Locate the string "cuts" in the listing below. Copy every line where it is found.

◆ ◆ ◆

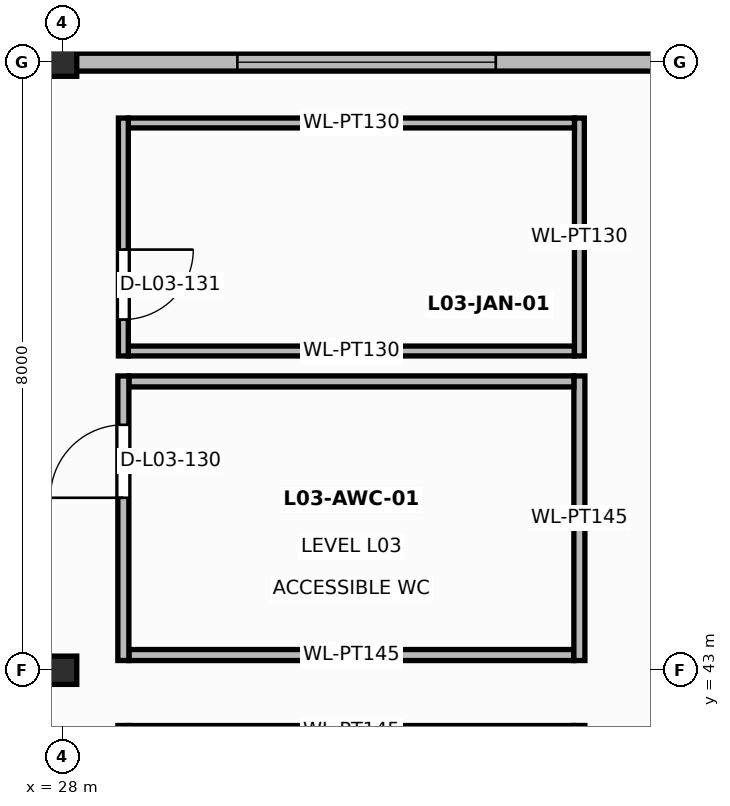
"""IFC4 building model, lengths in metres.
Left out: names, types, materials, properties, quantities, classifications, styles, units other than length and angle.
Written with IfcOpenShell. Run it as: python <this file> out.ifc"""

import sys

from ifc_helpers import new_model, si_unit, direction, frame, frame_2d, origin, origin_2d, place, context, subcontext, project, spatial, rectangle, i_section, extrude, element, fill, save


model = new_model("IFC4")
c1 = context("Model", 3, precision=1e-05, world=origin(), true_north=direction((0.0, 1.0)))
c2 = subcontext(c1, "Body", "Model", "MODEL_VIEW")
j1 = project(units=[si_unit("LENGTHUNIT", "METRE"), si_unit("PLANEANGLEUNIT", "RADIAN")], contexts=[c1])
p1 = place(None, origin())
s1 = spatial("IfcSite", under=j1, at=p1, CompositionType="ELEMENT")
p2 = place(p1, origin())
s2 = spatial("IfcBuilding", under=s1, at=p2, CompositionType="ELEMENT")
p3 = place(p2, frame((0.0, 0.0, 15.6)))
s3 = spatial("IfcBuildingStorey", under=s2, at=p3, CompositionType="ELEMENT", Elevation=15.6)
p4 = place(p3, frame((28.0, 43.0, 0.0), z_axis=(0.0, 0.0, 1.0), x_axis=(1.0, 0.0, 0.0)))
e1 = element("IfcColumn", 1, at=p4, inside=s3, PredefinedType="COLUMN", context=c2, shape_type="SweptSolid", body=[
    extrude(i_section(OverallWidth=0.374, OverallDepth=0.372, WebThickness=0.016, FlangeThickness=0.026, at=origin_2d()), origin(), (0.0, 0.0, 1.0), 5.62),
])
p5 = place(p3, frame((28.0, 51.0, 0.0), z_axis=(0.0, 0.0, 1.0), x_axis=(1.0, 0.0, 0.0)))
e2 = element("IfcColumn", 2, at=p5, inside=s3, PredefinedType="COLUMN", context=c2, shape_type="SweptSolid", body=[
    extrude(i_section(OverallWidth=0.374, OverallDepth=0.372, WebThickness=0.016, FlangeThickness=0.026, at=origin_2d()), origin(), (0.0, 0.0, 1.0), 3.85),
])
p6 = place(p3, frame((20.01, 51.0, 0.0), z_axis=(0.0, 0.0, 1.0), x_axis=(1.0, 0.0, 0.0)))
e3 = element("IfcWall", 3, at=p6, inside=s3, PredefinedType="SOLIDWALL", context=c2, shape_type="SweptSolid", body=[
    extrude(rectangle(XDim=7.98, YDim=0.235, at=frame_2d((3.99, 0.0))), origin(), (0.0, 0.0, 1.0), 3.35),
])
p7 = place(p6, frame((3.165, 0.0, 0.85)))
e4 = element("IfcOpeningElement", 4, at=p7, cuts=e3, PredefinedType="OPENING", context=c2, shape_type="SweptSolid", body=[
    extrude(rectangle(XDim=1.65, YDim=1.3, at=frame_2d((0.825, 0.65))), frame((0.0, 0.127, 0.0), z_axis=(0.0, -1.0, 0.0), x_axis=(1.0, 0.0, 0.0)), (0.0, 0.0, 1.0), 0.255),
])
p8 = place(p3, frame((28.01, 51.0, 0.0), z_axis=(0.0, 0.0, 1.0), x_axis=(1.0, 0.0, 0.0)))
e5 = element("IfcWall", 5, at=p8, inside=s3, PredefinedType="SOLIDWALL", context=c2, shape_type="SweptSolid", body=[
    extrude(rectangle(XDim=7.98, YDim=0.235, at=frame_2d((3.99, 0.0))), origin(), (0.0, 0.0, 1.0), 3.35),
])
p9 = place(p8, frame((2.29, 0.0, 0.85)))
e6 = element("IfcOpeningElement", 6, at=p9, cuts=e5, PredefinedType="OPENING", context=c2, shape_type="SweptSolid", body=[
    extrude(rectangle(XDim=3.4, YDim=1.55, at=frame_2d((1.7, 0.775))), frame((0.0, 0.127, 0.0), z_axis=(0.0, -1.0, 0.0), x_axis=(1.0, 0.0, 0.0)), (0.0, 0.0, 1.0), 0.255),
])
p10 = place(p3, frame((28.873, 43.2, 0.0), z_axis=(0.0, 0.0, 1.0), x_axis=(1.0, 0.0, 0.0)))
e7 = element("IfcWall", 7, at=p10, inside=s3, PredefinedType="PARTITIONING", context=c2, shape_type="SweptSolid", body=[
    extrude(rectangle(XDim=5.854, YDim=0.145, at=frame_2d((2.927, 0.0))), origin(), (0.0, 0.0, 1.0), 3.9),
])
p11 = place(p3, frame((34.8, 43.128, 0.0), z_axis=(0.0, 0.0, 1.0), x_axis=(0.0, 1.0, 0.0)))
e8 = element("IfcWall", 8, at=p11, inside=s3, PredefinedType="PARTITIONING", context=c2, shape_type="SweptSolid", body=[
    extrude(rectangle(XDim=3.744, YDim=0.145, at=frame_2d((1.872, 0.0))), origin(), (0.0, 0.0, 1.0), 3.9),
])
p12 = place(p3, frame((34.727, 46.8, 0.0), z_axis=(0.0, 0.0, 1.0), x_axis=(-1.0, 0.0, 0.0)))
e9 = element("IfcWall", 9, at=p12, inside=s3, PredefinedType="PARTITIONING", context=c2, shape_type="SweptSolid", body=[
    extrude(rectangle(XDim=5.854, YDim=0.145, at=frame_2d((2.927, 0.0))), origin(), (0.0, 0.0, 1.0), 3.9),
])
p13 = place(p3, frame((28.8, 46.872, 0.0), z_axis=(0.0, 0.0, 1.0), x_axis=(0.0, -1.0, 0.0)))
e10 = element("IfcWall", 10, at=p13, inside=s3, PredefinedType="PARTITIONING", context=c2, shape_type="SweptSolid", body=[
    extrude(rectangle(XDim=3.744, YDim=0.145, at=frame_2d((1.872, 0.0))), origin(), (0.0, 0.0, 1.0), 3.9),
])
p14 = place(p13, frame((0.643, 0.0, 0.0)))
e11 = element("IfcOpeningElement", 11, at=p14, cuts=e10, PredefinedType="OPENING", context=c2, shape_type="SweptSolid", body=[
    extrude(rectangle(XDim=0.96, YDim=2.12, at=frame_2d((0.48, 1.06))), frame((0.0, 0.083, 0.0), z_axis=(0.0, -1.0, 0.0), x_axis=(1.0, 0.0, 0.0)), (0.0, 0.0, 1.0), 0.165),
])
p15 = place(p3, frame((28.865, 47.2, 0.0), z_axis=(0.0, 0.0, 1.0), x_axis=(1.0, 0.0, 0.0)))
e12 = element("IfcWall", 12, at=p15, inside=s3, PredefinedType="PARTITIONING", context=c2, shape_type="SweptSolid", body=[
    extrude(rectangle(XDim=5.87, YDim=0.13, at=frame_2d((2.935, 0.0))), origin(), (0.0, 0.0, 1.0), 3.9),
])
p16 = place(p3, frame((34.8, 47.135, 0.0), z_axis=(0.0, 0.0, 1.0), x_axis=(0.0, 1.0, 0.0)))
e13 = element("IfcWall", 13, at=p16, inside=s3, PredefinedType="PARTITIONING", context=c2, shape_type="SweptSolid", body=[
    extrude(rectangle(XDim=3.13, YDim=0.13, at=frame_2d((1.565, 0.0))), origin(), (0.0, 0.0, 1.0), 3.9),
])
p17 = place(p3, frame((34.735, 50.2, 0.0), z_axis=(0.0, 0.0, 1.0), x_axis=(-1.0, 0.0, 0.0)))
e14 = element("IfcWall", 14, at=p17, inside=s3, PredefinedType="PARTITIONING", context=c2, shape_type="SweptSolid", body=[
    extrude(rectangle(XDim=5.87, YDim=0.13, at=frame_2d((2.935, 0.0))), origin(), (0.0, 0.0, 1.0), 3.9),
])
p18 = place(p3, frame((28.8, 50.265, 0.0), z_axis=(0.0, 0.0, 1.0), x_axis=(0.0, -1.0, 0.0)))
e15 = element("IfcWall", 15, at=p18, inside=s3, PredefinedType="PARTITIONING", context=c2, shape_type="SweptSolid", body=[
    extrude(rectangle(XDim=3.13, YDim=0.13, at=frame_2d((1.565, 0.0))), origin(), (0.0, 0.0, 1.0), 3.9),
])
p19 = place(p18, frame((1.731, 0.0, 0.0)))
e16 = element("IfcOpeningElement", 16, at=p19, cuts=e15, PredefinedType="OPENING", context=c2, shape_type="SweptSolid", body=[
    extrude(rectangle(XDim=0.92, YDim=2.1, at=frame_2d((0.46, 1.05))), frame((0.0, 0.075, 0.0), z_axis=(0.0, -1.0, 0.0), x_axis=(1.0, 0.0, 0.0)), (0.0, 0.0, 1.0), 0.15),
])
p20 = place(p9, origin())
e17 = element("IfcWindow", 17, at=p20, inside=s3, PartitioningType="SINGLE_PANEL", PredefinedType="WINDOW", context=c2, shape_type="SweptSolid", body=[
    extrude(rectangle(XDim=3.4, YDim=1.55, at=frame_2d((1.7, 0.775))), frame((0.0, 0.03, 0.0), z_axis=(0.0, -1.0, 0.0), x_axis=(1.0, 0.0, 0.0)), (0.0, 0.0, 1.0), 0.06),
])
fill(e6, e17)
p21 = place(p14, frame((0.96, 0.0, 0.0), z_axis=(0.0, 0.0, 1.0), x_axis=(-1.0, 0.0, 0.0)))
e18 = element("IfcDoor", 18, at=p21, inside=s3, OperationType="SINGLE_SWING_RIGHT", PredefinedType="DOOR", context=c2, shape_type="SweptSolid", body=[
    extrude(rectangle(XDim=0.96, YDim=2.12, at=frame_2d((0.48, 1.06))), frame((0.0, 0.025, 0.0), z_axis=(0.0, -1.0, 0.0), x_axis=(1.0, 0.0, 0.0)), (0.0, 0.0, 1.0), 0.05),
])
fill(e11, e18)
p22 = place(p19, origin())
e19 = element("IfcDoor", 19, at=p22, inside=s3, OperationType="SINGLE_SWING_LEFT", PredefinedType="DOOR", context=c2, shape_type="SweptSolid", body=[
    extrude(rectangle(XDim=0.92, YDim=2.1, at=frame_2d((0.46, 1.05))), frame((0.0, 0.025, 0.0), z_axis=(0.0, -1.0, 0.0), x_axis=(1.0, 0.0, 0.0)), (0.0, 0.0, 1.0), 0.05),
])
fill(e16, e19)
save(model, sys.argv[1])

◆ ◆ ◆

RESULT OF THIS EXERCISE —
e4 = element("IfcOpeningElement", 4, at=p7, cuts=e3, PredefinedType="OPENING", context=c2, shape_type="SweptSolid", body=[
e6 = element("IfcOpeningElement", 6, at=p9, cuts=e5, PredefinedType="OPENING", context=c2, shape_type="SweptSolid", body=[
e11 = element("IfcOpeningElement", 11, at=p14, cuts=e10, PredefinedType="OPENING", context=c2, shape_type="SweptSolid", body=[
e16 = element("IfcOpeningElement", 16, at=p19, cuts=e15, PredefinedType="OPENING", context=c2, shape_type="SweptSolid", body=[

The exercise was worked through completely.